* **Exercise objective**: Repeat only the lines below from the one containing "p23 = place(p22, frame((3.7, 0.0, 0.0)))" through the one containing "p25 = place(p24, frame((0.502, 0.0, 0.0)))", inclusive, exactly as written.

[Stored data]
■ ■ ■ ■

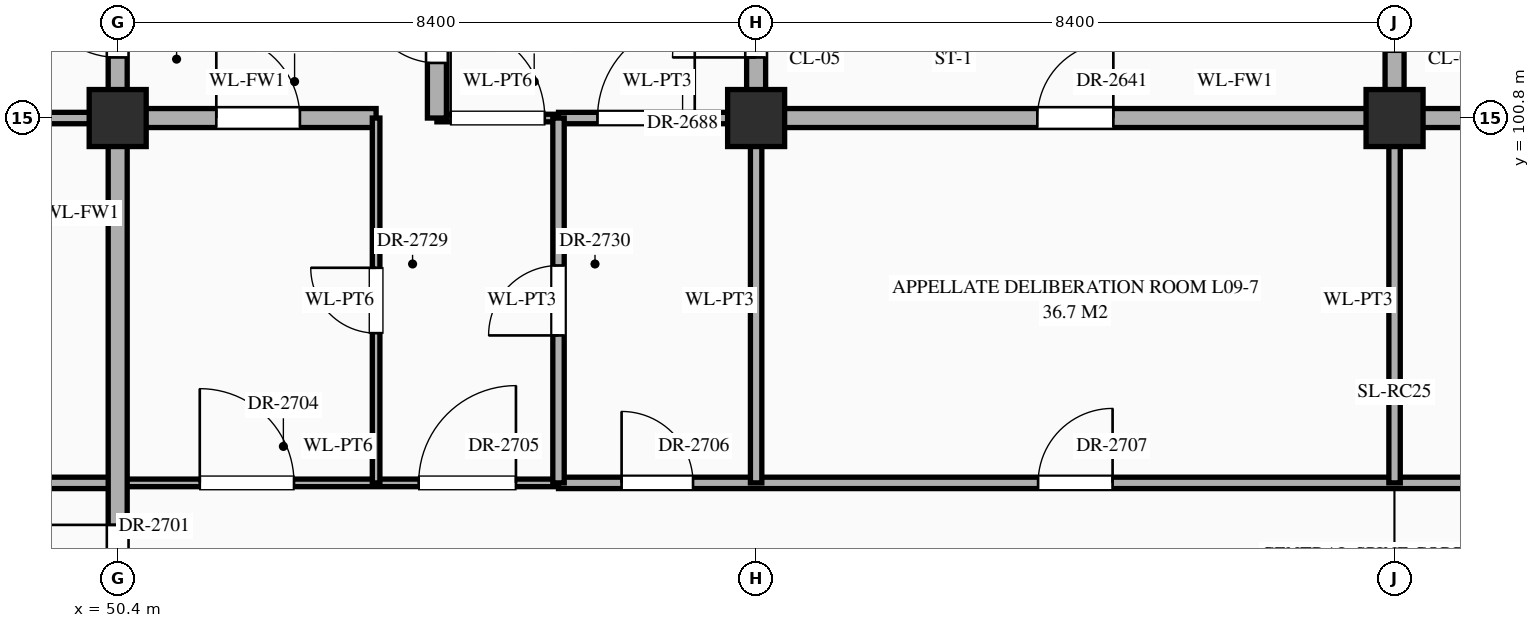
"""IFC4 building model, lengths in metres.
Left out: names, types, materials, properties, quantities, classifications, styles, units other than length and angle.
Written with IfcOpenShell. Run it as: python <this file> out.ifc"""

import sys

from ifc_helpers import new_model, si_unit, direction, frame, frame_2d, origin, origin_2d, place, context, subcontext, project, spatial, rectangle, extrude, element, fill, save


model = new_model("IFC4")
c1 = context("Model", 3, precision=1e-05, world=origin(), true_north=direction((0.0, 1.0)))
c2 = subcontext(c1, "Body", "Model", "MODEL_VIEW")
j1 = project(units=[si_unit("LENGTHUNIT", "METRE"), si_unit("PLANEANGLEUNIT", "RADIAN")], contexts=[c1])
p1 = place(None, origin())
s1 = spatial("IfcSite", under=j1, at=p1, CompositionType="ELEMENT")
p2 = place(p1, origin())
s2 = spatial("IfcBuilding", under=s1, at=p2, CompositionType="ELEMENT")
p3 = place(p2, frame((0.0, 0.0, 39.3)))
s3 = spatial("IfcBuildingStorey", under=s2, at=p3, CompositionType="ELEMENT", Elevation=39.3)
for number, where, z_axis, x_axis in (
    (1, (50.4, 100.8, 0.0), (0.0, 0.0, 1.0), (1.0, 0.0, 0.0)),
    (2, (58.8, 100.8, 0.0), (0.0, 0.0, 1.0), (1.0, 0.0, 0.0)),
    (3, (67.2, 100.8, 0.0), (0.0, 0.0, 1.0), (1.0, 0.0, 0.0)),
):
    element("IfcColumn", number, at=place(p3, frame(where, z_axis=z_axis, x_axis=x_axis)), inside=s3, PredefinedType="COLUMN", context=c2, shape_type="SweptSolid", body=[
        extrude(rectangle(XDim=0.75, YDim=0.75, at=origin_2d()), origin(), (0.0, 0.0, 1.0), 4.2),
    ])
p4 = place(p3, frame((42.04, 96.0, 0.0), z_axis=(0.0, 0.0, 1.0), x_axis=(1.0, 0.0, 0.0)))
e4 = element("IfcWall", 4, at=p4, inside=s3, PredefinedType="STANDARD", context=c2, shape_type="SweptSolid", body=[
    extrude(rectangle(XDim=8.36, YDim=0.15, at=frame_2d((4.18, 0.0))), origin(), (0.0, 0.0, 1.0), 3.95),
])
p5 = place(p4, frame((3.6, 0.0, 0.0)))
e5 = element("IfcOpeningElement", 5, at=p5, cuts=e4, PredefinedType="OPENING", context=c2, shape_type="SweptSolid", body=[
    extrude(rectangle(XDim=1.16, YDim=2.3, at=frame_2d((0.58, 1.15))), frame((0.0, 0.087, 0.0), z_axis=(0.0, -1.0, 0.0), x_axis=(1.0, 0.0, 0.0)), (0.0, 0.0, 1.0), 0.174),
])
p6 = place(p3, frame((50.4, 96.0, 0.0), z_axis=(0.0, 0.0, 1.0), x_axis=(1.0, 0.0, 0.0)))
e6 = element("IfcWall", 6, at=p6, inside=s3, PredefinedType="STANDARD", context=c2, shape_type="SweptSolid", body=[
    extrude(rectangle(XDim=5.8, YDim=0.1, at=frame_2d((2.9, 0.0))), origin(), (0.0, 0.0, 1.0), 3.95),
])
p7 = place(p6, frame((1.08, 0.0, 0.0)))
e7 = element("IfcOpeningElement", 7, at=p7, cuts=e6, PredefinedType="OPENING", context=c2, shape_type="SweptSolid", body=[
    extrude(rectangle(XDim=1.24, YDim=2.3, at=frame_2d((0.62, 1.15))), frame((0.0, 0.062, 0.0), z_axis=(0.0, -1.0, 0.0), x_axis=(1.0, 0.0, 0.0)), (0.0, 0.0, 1.0), 0.124),
])
p8 = place(p6, frame((3.96, 0.0, 0.0)))
e8 = element("IfcOpeningElement", 8, at=p8, cuts=e6, PredefinedType="OPENING", context=c2, shape_type="SweptSolid", body=[
    extrude(rectangle(XDim=1.28, YDim=2.35, at=frame_2d((0.64, 1.175))), frame((0.0, 0.062, 0.0), z_axis=(0.0, -1.0, 0.0), x_axis=(1.0, 0.0, 0.0)), (0.0, 0.0, 1.0), 0.124),
])
p9 = place(p3, frame((56.2, 96.0, 0.0), z_axis=(0.0, 0.0, 1.0), x_axis=(1.0, 0.0, 0.0)))
e9 = element("IfcWall", 9, at=p9, inside=s3, PredefinedType="STANDARD", context=c2, shape_type="SweptSolid", body=[
    extrude(rectangle(XDim=27.8, YDim=0.15, at=frame_2d((13.9, 0.0))), origin(), (0.0, 0.0, 1.0), 3.95),
])
p10 = place(p9, frame((0.83, 0.0, 0.0)))
e10 = element("IfcOpeningElement", 10, at=p10, cuts=e9, PredefinedType="OPENING", context=c2, shape_type="SweptSolid", body=[
    extrude(rectangle(XDim=0.94, YDim=2.3, at=frame_2d((0.47, 1.15))), frame((0.0, 0.087, 0.0), z_axis=(0.0, -1.0, 0.0), x_axis=(1.0, 0.0, 0.0)), (0.0, 0.0, 1.0), 0.174),
])
p11 = place(p9, frame((6.31, 0.0, 0.0)))
e11 = element("IfcOpeningElement", 11, at=p11, cuts=e9, PredefinedType="OPENING", context=c2, shape_type="SweptSolid", body=[
    extrude(rectangle(XDim=0.98, YDim=2.35, at=frame_2d((0.49, 1.175))), frame((0.0, 0.087, 0.0), z_axis=(0.0, -1.0, 0.0), x_axis=(1.0, 0.0, 0.0)), (0.0, 0.0, 1.0), 0.174),
])
p12 = place(p9, frame((14.69, 0.0, 0.0)))
e12 = element("IfcOpeningElement", 12, at=p12, cuts=e9, PredefinedType="OPENING", context=c2, shape_type="SweptSolid", body=[
    extrude(rectangle(XDim=1.02, YDim=2.4, at=frame_2d((0.51, 1.2))), frame((0.0, 0.087, 0.0), z_axis=(0.0, -1.0, 0.0), x_axis=(1.0, 0.0, 0.0)), (0.0, 0.0, 1.0), 0.174),
])
p13 = place(p9, frame((23.07, 0.0, 0.0)))
e13 = element("IfcOpeningElement", 13, at=p13, cuts=e9, PredefinedType="OPENING", context=c2, shape_type="SweptSolid", body=[
    extrude(rectangle(XDim=1.06, YDim=2.4, at=frame_2d((0.53, 1.2))), frame((0.0, 0.087, 0.0), z_axis=(0.0, -1.0, 0.0), x_axis=(1.0, 0.0, 0.0)), (0.0, 0.0, 1.0), 0.174),
])
p14 = place(p3, frame((46.2, 100.8, 0.0), z_axis=(0.0, 0.0, 1.0), x_axis=(1.0, 0.0, 0.0)))
e14 = element("IfcWall", 14, at=p14, inside=s3, PredefinedType="STANDARD", context=c2, shape_type="SweptSolid", body=[
    extrude(rectangle(XDim=4.2, YDim=0.15, at=frame_2d((2.1, 0.0))), origin(), (0.0, 0.0, 1.0), 3.1),
])
p15 = place(p14, frame((1.373, 0.0, 0.0)))
e15 = element("IfcOpeningElement", 15, at=p15, cuts=e14, PredefinedType="OPENING", context=c2, shape_type="SweptSolid", body=[
    extrude(rectangle(XDim=1.16, YDim=2.3, at=frame_2d((0.58, 1.15))), frame((0.0, 0.087, 0.0), z_axis=(0.0, -1.0, 0.0), x_axis=(1.0, 0.0, 0.0)), (0.0, 0.0, 1.0), 0.174),
])
p16 = place(p3, frame((50.4, 100.8, 0.0), z_axis=(0.0, 0.0, 1.0), x_axis=(1.0, 0.0, 0.0)))
e16 = element("IfcWall", 16, at=p16, inside=s3, PredefinedType="STANDARD", context=c2, shape_type="SweptSolid", body=[
    extrude(rectangle(XDim=3.4, YDim=0.25, at=frame_2d((1.7, 0.0))), origin(), (0.0, 0.0, 1.0), 3.1),
])
p17 = place(p16, frame((1.298, 0.0, 0.0)))
e17 = element("IfcOpeningElement", 17, at=p17, cuts=e16, PredefinedType="OPENING", context=c2, shape_type="SweptSolid", body=[
    extrude(rectangle(XDim=1.1, YDim=2.2, at=frame_2d((0.55, 1.1))), frame((0.0, 0.137, 0.0), z_axis=(0.0, -1.0, 0.0), x_axis=(1.0, 0.0, 0.0)), (0.0, 0.0, 1.0), 0.274),
])
p18 = place(p3, frame((54.6, 100.8, 0.0), z_axis=(0.0, 0.0, 1.0), x_axis=(1.0, 0.0, 0.0)))
e18 = element("IfcWall", 18, at=p18, inside=s3, PredefinedType="STANDARD", context=c2, shape_type="SweptSolid", body=[
    extrude(rectangle(XDim=1.6, YDim=0.1, at=frame_2d((0.8, 0.0))), origin(), (0.0, 0.0, 1.0), 3.1),
])
p19 = place(p18, frame((0.18, 0.0, 0.0)))
e19 = element("IfcOpeningElement", 19, at=p19, cuts=e18, PredefinedType="OPENING", context=c2, shape_type="SweptSolid", body=[
    extrude(rectangle(XDim=1.24, YDim=2.3, at=frame_2d((0.62, 1.15))), frame((0.0, 0.062, 0.0), z_axis=(0.0, -1.0, 0.0), x_axis=(1.0, 0.0, 0.0)), (0.0, 0.0, 1.0), 0.124),
])
p20 = place(p3, frame((56.2, 100.8, 0.0), z_axis=(0.0, 0.0, 1.0), x_axis=(1.0, 0.0, 0.0)))
e20 = element("IfcWall", 20, at=p20, inside=s3, PredefinedType="STANDARD", context=c2, shape_type="SweptSolid", body=[
    extrude(rectangle(XDim=2.6, YDim=0.15, at=frame_2d((1.3, 0.0))), origin(), (0.0, 0.0, 1.0), 3.1),
])
p21 = place(p20, frame((0.512, 0.0, 0.0)))
e21 = element("IfcOpeningElement", 21, at=p21, cuts=e20, PredefinedType="OPENING", context=c2, shape_type="SweptSolid", body=[
    extrude(rectangle(XDim=1.28, YDim=2.35, at=frame_2d((0.64, 1.175))), frame((0.0, 0.087, 0.0), z_axis=(0.0, -1.0, 0.0), x_axis=(1.0, 0.0, 0.0)), (0.0, 0.0, 1.0), 0.174),
])
p22 = place(p3, frame((58.8, 100.8, 0.0), z_axis=(0.0, 0.0, 1.0), x_axis=(1.0, 0.0, 0.0)))
e22 = element("IfcWall", 22, at=p22, inside=s3, PredefinedType="STANDARD", context=c2, shape_type="SweptSolid", body=[
    extrude(rectangle(XDim=12.6, YDim=0.25, at=frame_2d((6.3, 0.0))), origin(), (0.0, 0.0, 1.0), 3.1),
])
p23 = place(p22, frame((3.7, 0.0, 0.0)))
e23 = element("IfcOpeningElement", 23, at=p23, cuts=e22, PredefinedType="OPENING", context=c2, shape_type="SweptSolid", body=[
    extrude(rectangle(XDim=1.0, YDim=2.2, at=frame_2d((0.5, 1.1))), frame((0.0, 0.137, 0.0), z_axis=(0.0, -1.0, 0.0), x_axis=(1.0, 0.0, 0.0)), (0.0, 0.0, 1.0), 0.274),
])
p24 = place(p3, frame((50.4, 91.2, 0.0), z_axis=(0.0, 0.0, 1.0), x_axis=(0.0, 1.0, 0.0)))
e24 = element("IfcWall", 24, at=p24, inside=s3, PredefinedType="STANDARD", context=c2, shape_type="SweptSolid", body=[
    extrude(rectangle(XDim=13.2, YDim=0.25, at=frame_2d((6.6, 0.0))), origin(), (0.0, 0.0, 1.0), 3.2),
])
p25 = place(p24, frame((0.502, 0.0, 0.0)))
e25 = element("IfcOpeningElement", 25, at=p25, cuts=e24, PredefinedType="OPENING", context=c2, shape_type="SweptSolid", body=[
    extrude(rectangle(XDim=1.1, YDim=2.2, at=frame_2d((0.55, 1.1))), frame((0.0, 0.137, 0.0), z_axis=(0.0, -1.0, 0.0), x_axis=(1.0, 0.0, 0.0)), (0.0, 0.0, 1.0), 0.274),
])
p26 = place(p24, frame((10.397, 0.0, 0.0)))
e26 = element("IfcOpeningElement", 26, at=p26, cuts=e24, PredefinedType="OPENING", context=c2, shape_type="SweptSolid", body=[
    extrude(rectangle(XDim=1.1, YDim=2.2, at=frame_2d((0.55, 1.1))), frame((0.0, 0.137, 0.0), z_axis=(0.0, -1.0, 0.0), x_axis=(1.0, 0.0, 0.0)), (0.0, 0.0, 1.0), 0.274),
])
p27 = place(p24, frame((3.248, 0.0, 0.0)))
e27 = element("IfcOpeningElement", 27, at=p27, cuts=e24, PredefinedType="OPENING", context=c2, shape_type="SweptSolid", body=[
    extrude(rectangle(XDim=1.0, YDim=2.2, at=frame_2d((0.5, 1.1))), frame((0.0, 0.137, 0.0), z_axis=(0.0, -1.0, 0.0), x_axis=(1.0, 0.0, 0.0)), (0.0, 0.0, 1.0), 0.274),
])
p28 = place(p3, frame((53.8, 96.0, 0.0), z_axis=(0.0, 0.0, 1.0), x_axis=(0.0, 1.0, 0.0)))
e28 = element("IfcWall", 28, at=p28, inside=s3, PredefinedType="STANDARD", context=c2, shape_type="SweptSolid", body=[
    extrude(rectangle(XDim=4.8, YDim=0.1, at=frame_2d((2.4, 0.0))), origin(), (0.0, 0.0, 1.0), 3.95),
])
p29 = place(p28, frame((1.97, 0.0, 0.0)))
e29 = element("IfcOpeningElement", 29, at=p29, cuts=e28, PredefinedType="OPENING", context=c2, shape_type="SweptSolid", body=[
    extrude(rectangle(XDim=0.86, YDim=2.1, at=frame_2d((0.43, 1.05))), frame((0.0, 0.062, 0.0), z_axis=(0.0, -1.0, 0.0), x_axis=(1.0, 0.0, 0.0)), (0.0, 0.0, 1.0), 0.124),
])
p30 = place(p3, frame((54.6, 100.8, 0.0), z_axis=(0.0, 0.0, 1.0), x_axis=(0.0, 1.0, 0.0)))
e30 = element("IfcWall", 30, at=p30, inside=s3, PredefinedType="STANDARD", context=c2, shape_type="SweptSolid", body=[
    extrude(rectangle(XDim=3.6, YDim=0.25, at=frame_2d((1.8, 0.0))), origin(), (0.0, 0.0, 1.0), 3.65),
])
p31 = place(p30, frame((0.725, 0.0, 0.0)))
e31 = element("IfcOpeningElement", 31, at=p31, cuts=e30, PredefinedType="OPENING", context=c2, shape_type="SweptSolid", body=[
    extrude(rectangle(XDim=0.95, YDim=2.15, at=frame_2d((0.475, 1.075))), frame((0.0, 0.137, 0.0), z_axis=(0.0, -1.0, 0.0), x_axis=(1.0, 0.0, 0.0)), (0.0, 0.0, 1.0), 0.274),
])
p32 = place(p3, frame((56.2, 96.0, 0.0), z_axis=(0.0, 0.0, 1.0), x_axis=(0.0, 1.0, 0.0)))
e32 = element("IfcWall", 32, at=p32, inside=s3, PredefinedType="STANDARD", context=c2, shape_type="SweptSolid", body=[
    extrude(rectangle(XDim=4.8, YDim=0.15, at=frame_2d((2.4, 0.0))), origin(), (0.0, 0.0, 1.0), 3.95),
])
p33 = place(p32, frame((1.94, 0.0, 0.0)))
e33 = element("IfcOpeningElement", 33, at=p33, cuts=e32, PredefinedType="OPENING", context=c2, shape_type="SweptSolid", body=[
    extrude(rectangle(XDim=0.92, YDim=2.15, at=frame_2d((0.46, 1.075))), frame((0.0, 0.087, 0.0), z_axis=(0.0, -1.0, 0.0), x_axis=(1.0, 0.0, 0.0)), (0.0, 0.0, 1.0), 0.174),
])
p34 = place(p3, frame((58.8, 96.0, 0.0), z_axis=(0.0, 0.0, 1.0), x_axis=(0.0, 1.0, 0.0)))
e34 = element("IfcWall", 34, at=p34, inside=s3, PredefinedType="STANDARD", context=c2, shape_type="SweptSolid", body=[
    extrude(rectangle(XDim=4.8, YDim=0.15, at=frame_2d((2.4, 0.0))), origin(), (0.0, 0.0, 1.0), 3.2),
])
p35 = place(p3, frame((58.8, 100.8, 0.0), z_axis=(0.0, 0.0, 1.0), x_axis=(0.0, 1.0, 0.0)))
e35 = element("IfcWall", 35, at=p35, inside=s3, PredefinedType="STANDARD", context=c2, shape_type="SweptSolid", body=[
    extrude(rectangle(XDim=2.4, YDim=0.25, at=frame_2d((1.2, 0.0))), origin(), (0.0, 0.0, 1.0), 3.2),
])
p36 = place(p35, frame((0.798, 0.0, 0.0)))
e36 = element("IfcOpeningElement", 36, at=p36, cuts=e35, PredefinedType="OPENING", context=c2, shape_type="SweptSolid", body=[
    extrude(rectangle(XDim=1.1, YDim=2.2, at=frame_2d((0.55, 1.1))), frame((0.0, 0.137, 0.0), z_axis=(0.0, -1.0, 0.0), x_axis=(1.0, 0.0, 0.0)), (0.0, 0.0, 1.0), 0.274),
])
p37 = place(p3, frame((67.2, 96.0, 0.0), z_axis=(0.0, 0.0, 1.0), x_axis=(0.0, 1.0, 0.0)))
e37 = element("IfcWall", 37, at=p37, inside=s3, PredefinedType="STANDARD", context=c2, shape_type="SweptSolid", body=[
    extrude(rectangle(XDim=4.8, YDim=0.15, at=frame_2d((2.4, 0.0))), origin(), (0.0, 0.0, 1.0), 3.2),
])
p38 = place(p3, frame((67.2, 100.8, 0.0), z_axis=(0.0, 0.0, 1.0), x_axis=(0.0, 1.0, 0.0)))
e38 = element("IfcWall", 38, at=p38, inside=s3, PredefinedType="STANDARD", context=c2, shape_type="SweptSolid", body=[
    extrude(rectangle(XDim=2.4, YDim=0.25, at=frame_2d((1.2, 0.0))), origin(), (0.0, 0.0, 1.0), 3.2),
])
p39 = place(p38, frame((0.873, 0.0, 0.0)))
e39 = element("IfcOpeningElement", 39, at=p39, cuts=e38, PredefinedType="OPENING", context=c2, shape_type="SweptSolid", body=[
    extrude(rectangle(XDim=0.95, YDim=2.15, at=frame_2d((0.475, 1.075))), frame((0.0, 0.137, 0.0), z_axis=(0.0, -1.0, 0.0), x_axis=(1.0, 0.0, 0.0)), (0.0, 0.0, 1.0), 0.274),
])
p40 = place(p36, origin())
e40 = element("IfcDoor", 40, at=p40, inside=s3, OperationType="SINGLE_SWING_LEFT", PredefinedType="DOOR", context=c2, shape_type="SweptSolid", body=[
    extrude(rectangle(XDim=1.1, YDim=2.2, at=frame_2d((0.55, 1.1))), frame((0.0, 0.025, 0.0), z_axis=(0.0, -1.0, 0.0), x_axis=(1.0, 0.0, 0.0)), (0.0, 0.0, 1.0), 0.05),
])
fill(e36, e40)
p41 = place(p23, origin())
e41 = element("IfcDoor", 41, at=p41, inside=s3, OperationType="SINGLE_SWING_RIGHT", PredefinedType="DOOR", context=c2, shape_type="SweptSolid", body=[
    extrude(rectangle(XDim=1.0, YDim=2.2, at=frame_2d((0.5, 1.1))), frame((0.0, 0.025, 0.0), z_axis=(0.0, -1.0, 0.0), x_axis=(1.0, 0.0, 0.0)), (0.0, 0.0, 1.0), 0.05),
])
fill(e23, e41)
p42 = place(p26, origin())
e42 = element("IfcDoor", 42, at=p42, inside=s3, OperationType="SINGLE_SWING_RIGHT", PredefinedType="DOOR", context=c2, shape_type="SweptSolid", body=[
    extrude(rectangle(XDim=1.1, YDim=2.2, at=frame_2d((0.55, 1.1))), frame((0.0, 0.025, 0.0), z_axis=(0.0, -1.0, 0.0), x_axis=(1.0, 0.0, 0.0)), (0.0, 0.0, 1.0), 0.05),
])
fill(e26, e42)
p43 = place(p31, origin())
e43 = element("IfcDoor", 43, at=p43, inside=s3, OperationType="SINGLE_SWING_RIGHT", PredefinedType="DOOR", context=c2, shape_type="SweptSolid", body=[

■ ■ ■ ■

* **Response to this task**:
p23 = place(p22, frame((3.7, 0.0, 0.0)))
e23 = element("IfcOpeningElement", 23, at=p23, cuts=e22, PredefinedType="OPENING", context=c2, shape_type="SweptSolid", body=[
    extrude(rectangle(XDim=1.0, YDim=2.2, at=frame_2d((0.5, 1.1))), frame((0.0, 0.137, 0.0), z_axis=(0.0, -1.0, 0.0), x_axis=(1.0, 0.0, 0.0)), (0.0, 0.0, 1.0), 0.274),
])
p24 = place(p3, frame((50.4, 91.2, 0.0), z_axis=(0.0, 0.0, 1.0), x_axis=(0.0, 1.0, 0.0)))
e24 = element("IfcWall", 24, at=p24, inside=s3, PredefinedType="STANDARD", context=c2, shape_type="SweptSolid", body=[
    extrude(rectangle(XDim=13.2, YDim=0.25, at=frame_2d((6.6, 0.0))), origin(), (0.0, 0.0, 1.0), 3.2),
])
p25 = place(p24, frame((0.502, 0.0, 0.0)))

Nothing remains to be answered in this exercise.